-- Supplied material follows --

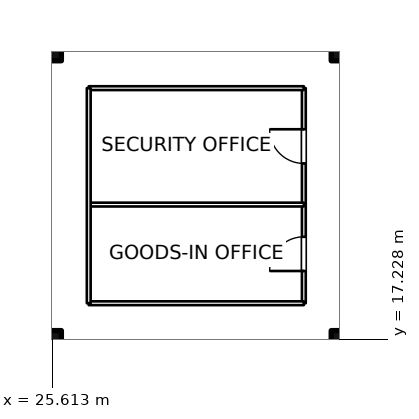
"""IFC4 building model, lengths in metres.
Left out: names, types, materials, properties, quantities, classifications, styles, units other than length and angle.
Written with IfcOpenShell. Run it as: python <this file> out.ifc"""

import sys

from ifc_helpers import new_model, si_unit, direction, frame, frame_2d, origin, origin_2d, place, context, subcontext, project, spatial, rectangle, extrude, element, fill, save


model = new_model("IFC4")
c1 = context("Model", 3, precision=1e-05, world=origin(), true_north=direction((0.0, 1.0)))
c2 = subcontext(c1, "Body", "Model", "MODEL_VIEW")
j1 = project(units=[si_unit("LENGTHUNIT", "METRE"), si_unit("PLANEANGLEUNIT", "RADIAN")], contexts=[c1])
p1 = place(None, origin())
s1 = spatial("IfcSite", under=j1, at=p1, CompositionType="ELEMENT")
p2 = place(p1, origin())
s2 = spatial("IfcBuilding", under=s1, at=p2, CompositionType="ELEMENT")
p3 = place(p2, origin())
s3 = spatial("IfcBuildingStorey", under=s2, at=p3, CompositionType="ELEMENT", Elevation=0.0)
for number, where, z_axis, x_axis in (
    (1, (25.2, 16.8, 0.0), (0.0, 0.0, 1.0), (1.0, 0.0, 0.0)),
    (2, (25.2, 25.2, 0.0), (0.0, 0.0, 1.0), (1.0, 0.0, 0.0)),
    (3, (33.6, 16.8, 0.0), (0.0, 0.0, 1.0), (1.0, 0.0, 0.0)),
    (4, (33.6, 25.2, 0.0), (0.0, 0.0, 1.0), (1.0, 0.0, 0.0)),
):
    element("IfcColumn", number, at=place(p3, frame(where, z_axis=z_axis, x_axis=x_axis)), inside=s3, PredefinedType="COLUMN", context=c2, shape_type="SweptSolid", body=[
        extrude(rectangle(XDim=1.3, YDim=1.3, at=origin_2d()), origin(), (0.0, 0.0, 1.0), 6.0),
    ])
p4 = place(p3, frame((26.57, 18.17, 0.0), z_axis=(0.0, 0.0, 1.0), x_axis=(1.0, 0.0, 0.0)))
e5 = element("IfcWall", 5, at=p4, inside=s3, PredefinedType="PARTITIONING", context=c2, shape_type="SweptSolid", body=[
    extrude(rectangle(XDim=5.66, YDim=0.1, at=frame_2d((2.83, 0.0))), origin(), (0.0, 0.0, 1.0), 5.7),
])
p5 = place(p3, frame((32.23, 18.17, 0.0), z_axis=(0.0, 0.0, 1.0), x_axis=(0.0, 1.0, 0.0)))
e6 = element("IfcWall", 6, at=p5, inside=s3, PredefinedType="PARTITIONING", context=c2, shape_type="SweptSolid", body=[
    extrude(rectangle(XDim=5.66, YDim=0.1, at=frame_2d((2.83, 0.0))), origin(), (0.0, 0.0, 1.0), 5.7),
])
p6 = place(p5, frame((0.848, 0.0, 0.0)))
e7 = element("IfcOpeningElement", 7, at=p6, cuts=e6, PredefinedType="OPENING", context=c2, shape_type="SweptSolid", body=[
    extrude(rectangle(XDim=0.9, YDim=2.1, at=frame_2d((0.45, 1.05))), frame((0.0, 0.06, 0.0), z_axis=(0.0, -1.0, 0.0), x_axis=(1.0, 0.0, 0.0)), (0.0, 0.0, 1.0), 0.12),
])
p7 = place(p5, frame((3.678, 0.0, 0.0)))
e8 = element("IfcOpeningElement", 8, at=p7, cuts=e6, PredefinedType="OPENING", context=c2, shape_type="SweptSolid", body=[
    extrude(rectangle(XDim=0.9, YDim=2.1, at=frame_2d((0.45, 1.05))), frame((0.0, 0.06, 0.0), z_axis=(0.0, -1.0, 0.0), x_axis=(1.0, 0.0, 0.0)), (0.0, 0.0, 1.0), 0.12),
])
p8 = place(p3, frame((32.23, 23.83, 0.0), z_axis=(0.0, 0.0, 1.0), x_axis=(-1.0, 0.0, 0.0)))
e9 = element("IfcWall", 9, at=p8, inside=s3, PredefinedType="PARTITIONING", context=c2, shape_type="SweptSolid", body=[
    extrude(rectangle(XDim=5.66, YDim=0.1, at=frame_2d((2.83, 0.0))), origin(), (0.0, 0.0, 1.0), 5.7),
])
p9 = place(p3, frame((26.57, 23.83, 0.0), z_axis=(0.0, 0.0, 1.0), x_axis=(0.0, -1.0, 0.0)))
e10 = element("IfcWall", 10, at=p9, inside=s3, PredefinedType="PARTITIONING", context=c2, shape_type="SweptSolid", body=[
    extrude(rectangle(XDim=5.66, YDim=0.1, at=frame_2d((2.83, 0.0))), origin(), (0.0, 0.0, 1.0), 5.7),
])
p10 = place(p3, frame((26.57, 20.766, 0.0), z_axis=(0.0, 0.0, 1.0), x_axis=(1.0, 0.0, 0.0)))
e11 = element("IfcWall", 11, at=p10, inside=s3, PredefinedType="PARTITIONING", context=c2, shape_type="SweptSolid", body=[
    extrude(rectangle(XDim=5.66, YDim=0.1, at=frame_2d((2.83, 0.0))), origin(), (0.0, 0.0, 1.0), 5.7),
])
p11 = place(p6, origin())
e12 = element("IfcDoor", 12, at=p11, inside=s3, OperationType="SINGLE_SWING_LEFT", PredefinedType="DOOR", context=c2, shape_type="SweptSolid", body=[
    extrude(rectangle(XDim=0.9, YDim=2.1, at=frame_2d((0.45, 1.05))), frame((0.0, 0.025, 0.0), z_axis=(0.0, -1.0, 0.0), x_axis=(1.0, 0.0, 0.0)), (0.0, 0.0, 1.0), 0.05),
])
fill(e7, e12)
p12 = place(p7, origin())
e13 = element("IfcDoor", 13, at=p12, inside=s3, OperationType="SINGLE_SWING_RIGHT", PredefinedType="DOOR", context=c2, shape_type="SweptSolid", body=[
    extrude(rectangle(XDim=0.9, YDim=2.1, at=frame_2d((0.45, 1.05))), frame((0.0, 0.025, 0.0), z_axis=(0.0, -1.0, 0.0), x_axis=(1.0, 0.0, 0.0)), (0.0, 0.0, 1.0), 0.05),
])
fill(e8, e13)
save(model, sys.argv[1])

-- Supplied material concluded --

Everything from the top line of the data down to and including the line with "world=origin(), true_north=direction((0.0, 1.0)))" is to be copied, except the pictures.

"""IFC4 building model, lengths in metres.
Left out: names, types, materials, properties, quantities, classifications, styles, units other than length and angle.
Written with IfcOpenShell. Run it as: python <this file> out.ifc"""

import sys

from ifc_helpers import new_model, si_unit, direction, frame, frame_2d, origin, origin_2d, place, context, subcontext, project, spatial, rectangle, extrude, element, fill, save


model = new_model("IFC4")
c1 = context("Model", 3, precision=1e-05, world=origin(), true_north=direction((0.0, 1.0)))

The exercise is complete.